%%

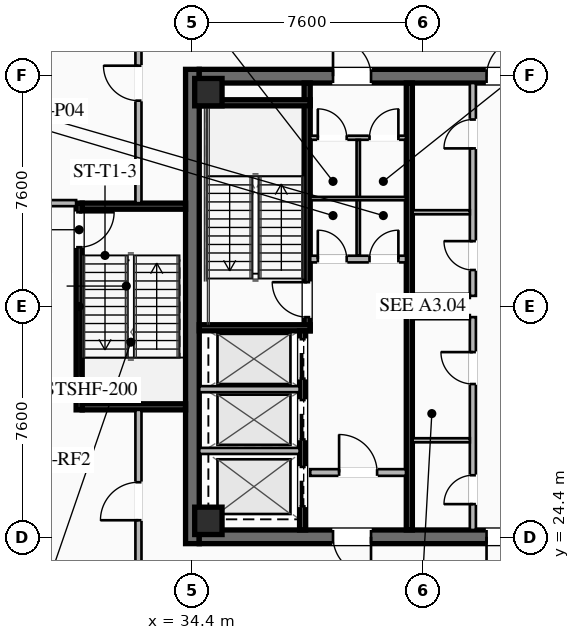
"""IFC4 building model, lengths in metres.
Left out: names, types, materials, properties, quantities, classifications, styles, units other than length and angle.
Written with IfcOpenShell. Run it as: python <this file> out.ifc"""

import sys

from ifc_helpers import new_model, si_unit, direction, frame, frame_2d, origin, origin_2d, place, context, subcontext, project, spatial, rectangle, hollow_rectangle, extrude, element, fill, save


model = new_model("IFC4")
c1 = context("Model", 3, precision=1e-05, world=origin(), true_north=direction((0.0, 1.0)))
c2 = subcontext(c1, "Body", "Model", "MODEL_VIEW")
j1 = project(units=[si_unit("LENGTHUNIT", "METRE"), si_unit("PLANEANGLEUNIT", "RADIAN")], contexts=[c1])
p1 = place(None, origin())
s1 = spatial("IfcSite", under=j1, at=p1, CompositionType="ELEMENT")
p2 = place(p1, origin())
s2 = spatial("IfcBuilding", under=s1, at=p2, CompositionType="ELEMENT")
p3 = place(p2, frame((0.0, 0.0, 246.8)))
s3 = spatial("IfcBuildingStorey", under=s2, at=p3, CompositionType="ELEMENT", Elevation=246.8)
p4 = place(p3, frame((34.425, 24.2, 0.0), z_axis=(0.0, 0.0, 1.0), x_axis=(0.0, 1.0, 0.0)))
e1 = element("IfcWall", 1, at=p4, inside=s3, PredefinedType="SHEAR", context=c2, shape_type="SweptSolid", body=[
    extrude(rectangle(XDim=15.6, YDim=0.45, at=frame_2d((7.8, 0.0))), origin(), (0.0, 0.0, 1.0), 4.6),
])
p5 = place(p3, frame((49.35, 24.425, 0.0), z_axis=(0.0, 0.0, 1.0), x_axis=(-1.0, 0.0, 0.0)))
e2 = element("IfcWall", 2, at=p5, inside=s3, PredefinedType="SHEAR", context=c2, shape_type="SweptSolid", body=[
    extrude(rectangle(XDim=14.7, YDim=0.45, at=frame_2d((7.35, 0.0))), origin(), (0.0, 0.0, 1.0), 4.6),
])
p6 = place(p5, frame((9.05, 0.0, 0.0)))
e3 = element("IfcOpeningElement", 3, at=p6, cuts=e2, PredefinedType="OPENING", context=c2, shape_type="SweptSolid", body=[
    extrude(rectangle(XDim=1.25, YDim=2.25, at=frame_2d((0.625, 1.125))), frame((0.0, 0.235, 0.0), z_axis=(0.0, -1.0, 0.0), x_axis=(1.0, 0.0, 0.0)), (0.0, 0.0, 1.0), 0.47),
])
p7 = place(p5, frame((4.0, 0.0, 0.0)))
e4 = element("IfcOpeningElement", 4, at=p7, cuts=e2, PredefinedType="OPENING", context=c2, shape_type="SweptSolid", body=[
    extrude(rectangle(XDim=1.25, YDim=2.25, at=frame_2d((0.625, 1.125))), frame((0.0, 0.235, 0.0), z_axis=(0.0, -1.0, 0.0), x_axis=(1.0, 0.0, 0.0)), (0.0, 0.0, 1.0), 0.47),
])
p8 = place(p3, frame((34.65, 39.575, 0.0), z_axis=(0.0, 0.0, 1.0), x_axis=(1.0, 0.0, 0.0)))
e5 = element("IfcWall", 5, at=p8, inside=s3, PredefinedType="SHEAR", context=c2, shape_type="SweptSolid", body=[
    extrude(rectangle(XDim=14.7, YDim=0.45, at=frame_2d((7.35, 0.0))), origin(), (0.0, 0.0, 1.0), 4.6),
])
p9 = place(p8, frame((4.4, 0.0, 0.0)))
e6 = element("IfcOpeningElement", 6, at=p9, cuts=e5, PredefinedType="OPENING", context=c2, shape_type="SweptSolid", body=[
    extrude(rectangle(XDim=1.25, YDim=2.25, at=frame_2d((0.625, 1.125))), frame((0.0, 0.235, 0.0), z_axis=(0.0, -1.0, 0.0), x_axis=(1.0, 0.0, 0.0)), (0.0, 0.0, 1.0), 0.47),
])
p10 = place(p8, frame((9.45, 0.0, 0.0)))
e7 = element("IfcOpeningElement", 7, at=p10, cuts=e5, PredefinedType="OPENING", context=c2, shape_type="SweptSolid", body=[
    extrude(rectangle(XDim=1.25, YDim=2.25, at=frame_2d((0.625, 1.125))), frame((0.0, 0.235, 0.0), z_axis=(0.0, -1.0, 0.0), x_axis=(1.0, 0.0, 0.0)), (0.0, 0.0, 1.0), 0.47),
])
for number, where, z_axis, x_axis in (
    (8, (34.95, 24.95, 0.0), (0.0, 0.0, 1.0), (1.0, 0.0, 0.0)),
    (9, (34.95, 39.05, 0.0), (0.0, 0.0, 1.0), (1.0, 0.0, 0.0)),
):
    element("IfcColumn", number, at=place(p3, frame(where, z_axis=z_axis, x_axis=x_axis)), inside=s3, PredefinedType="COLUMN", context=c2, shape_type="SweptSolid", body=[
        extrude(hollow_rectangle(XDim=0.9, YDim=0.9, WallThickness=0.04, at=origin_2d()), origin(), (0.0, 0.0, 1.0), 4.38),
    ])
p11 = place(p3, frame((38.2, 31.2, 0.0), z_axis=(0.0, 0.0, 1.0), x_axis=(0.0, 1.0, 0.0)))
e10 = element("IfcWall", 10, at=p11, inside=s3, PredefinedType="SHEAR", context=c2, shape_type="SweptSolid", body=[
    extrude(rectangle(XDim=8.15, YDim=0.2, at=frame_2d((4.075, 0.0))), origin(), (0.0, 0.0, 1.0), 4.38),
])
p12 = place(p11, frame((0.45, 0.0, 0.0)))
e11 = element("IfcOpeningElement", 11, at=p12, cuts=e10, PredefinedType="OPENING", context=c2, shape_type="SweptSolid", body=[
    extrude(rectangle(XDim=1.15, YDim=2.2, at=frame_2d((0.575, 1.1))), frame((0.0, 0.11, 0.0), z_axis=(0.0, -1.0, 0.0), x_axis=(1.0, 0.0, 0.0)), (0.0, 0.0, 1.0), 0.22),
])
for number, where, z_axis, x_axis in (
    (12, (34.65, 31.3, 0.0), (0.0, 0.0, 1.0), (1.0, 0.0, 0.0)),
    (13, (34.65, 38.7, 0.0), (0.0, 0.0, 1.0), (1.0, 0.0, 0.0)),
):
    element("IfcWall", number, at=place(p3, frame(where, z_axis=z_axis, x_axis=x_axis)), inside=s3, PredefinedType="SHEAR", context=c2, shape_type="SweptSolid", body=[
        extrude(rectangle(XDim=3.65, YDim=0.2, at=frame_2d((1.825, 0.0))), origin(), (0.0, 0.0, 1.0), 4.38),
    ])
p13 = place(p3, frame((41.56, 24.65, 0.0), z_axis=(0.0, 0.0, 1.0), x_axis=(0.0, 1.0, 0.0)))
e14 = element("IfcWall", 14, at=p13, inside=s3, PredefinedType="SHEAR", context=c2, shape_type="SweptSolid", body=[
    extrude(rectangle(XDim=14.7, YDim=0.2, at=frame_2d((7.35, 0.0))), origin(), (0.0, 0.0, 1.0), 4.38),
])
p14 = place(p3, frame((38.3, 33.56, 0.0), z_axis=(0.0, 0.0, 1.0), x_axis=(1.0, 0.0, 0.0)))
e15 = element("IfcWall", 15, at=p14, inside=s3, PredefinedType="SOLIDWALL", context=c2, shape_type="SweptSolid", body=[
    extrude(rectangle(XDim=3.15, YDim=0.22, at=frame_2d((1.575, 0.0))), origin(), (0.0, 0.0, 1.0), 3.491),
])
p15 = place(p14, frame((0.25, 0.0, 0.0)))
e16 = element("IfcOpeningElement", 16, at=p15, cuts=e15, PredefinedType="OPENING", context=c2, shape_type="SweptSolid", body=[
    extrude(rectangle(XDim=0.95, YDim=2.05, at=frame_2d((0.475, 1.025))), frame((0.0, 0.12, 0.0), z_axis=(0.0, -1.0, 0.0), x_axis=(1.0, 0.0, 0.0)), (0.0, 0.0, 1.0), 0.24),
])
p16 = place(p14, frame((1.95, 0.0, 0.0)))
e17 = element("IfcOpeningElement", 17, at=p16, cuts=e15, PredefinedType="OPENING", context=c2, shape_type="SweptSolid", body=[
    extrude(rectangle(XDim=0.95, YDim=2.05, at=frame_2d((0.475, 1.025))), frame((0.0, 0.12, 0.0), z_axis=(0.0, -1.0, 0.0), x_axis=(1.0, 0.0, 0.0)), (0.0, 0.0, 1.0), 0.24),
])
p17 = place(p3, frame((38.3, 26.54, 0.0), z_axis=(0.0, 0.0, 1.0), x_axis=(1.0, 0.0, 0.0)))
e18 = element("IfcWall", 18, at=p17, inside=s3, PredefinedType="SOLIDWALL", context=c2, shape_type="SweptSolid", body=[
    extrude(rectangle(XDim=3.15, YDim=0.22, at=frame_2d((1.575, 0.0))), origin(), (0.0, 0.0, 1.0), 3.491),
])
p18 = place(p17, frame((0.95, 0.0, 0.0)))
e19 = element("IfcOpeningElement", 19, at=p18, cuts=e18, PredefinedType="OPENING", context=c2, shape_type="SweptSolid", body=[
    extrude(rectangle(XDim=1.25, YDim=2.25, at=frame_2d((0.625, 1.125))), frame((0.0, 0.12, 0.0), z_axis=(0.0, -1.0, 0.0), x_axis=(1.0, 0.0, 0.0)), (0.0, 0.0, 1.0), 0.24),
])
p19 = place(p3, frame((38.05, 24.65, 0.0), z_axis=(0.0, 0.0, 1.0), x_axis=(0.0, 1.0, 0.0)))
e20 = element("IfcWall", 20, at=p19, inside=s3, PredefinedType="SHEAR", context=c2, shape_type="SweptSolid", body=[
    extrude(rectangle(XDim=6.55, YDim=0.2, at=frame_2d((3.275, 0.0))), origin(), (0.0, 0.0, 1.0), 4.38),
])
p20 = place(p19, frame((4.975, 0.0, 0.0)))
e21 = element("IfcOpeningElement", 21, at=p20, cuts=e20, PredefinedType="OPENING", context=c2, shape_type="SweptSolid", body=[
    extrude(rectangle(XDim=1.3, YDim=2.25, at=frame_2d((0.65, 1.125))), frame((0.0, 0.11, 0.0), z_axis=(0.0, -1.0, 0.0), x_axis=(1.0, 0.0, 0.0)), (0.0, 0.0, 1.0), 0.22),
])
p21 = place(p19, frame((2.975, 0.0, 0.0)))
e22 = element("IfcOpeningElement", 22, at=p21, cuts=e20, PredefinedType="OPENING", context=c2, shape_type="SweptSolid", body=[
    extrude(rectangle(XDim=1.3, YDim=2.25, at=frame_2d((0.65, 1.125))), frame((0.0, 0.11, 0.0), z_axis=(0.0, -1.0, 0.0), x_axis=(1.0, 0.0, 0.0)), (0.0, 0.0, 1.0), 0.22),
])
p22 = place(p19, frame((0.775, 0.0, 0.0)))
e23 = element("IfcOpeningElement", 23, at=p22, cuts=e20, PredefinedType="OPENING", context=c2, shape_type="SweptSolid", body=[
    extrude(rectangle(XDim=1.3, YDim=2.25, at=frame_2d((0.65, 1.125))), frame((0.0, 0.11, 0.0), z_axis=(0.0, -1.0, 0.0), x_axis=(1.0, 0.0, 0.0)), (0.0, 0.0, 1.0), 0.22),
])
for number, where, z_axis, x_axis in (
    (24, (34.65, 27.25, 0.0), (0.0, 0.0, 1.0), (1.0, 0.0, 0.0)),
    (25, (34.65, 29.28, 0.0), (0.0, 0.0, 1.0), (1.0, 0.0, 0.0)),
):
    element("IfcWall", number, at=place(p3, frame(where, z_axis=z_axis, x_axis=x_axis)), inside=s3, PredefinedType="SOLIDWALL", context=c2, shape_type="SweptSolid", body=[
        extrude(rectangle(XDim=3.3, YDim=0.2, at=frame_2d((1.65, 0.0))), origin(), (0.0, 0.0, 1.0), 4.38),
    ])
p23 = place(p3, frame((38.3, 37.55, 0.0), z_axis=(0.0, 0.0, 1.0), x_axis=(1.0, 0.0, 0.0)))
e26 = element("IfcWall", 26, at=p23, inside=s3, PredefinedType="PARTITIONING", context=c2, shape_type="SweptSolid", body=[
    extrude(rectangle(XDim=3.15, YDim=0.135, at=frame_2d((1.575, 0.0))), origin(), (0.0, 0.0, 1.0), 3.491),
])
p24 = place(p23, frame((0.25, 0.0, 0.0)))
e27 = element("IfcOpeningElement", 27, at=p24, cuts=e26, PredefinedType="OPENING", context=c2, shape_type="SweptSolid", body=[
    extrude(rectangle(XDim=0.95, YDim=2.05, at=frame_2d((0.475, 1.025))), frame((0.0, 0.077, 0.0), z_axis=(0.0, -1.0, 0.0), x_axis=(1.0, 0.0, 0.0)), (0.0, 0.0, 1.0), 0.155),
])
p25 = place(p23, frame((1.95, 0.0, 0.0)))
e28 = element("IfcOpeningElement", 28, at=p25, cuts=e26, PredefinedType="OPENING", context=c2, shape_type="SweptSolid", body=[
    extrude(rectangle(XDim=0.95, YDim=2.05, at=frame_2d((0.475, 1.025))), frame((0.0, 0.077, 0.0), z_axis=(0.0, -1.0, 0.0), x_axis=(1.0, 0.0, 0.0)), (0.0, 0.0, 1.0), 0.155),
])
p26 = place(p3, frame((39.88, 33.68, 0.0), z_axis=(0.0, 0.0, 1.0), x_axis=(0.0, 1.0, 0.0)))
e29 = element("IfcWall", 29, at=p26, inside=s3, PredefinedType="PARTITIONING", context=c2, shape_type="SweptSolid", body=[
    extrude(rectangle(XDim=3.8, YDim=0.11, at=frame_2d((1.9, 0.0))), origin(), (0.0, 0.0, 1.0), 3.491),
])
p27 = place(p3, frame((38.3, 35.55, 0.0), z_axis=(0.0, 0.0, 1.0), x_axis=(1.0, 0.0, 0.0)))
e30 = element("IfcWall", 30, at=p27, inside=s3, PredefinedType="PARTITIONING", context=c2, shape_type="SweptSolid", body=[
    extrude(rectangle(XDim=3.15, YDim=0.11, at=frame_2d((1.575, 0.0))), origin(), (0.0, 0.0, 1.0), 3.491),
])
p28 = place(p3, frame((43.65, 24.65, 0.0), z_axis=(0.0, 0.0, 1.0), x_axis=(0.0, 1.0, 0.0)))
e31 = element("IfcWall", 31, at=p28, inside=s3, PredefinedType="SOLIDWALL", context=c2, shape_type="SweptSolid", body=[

%%

--- WHAT THE TASK REQUIRES ---
Throughout the material above, find each line with "PARTITIONING" and return it.

--- PROBLEM SOLUTION ---
e26 = element("IfcWall", 26, at=p23, inside=s3, PredefinedType="PARTITIONING", context=c2, shape_type="SweptSolid", body=[
e29 = element("IfcWall", 29, at=p26, inside=s3, PredefinedType="PARTITIONING", context=c2, shape_type="SweptSolid", body=[
e30 = element("IfcWall", 30, at=p27, inside=s3, PredefinedType="PARTITIONING", context=c2, shape_type="SweptSolid", body=[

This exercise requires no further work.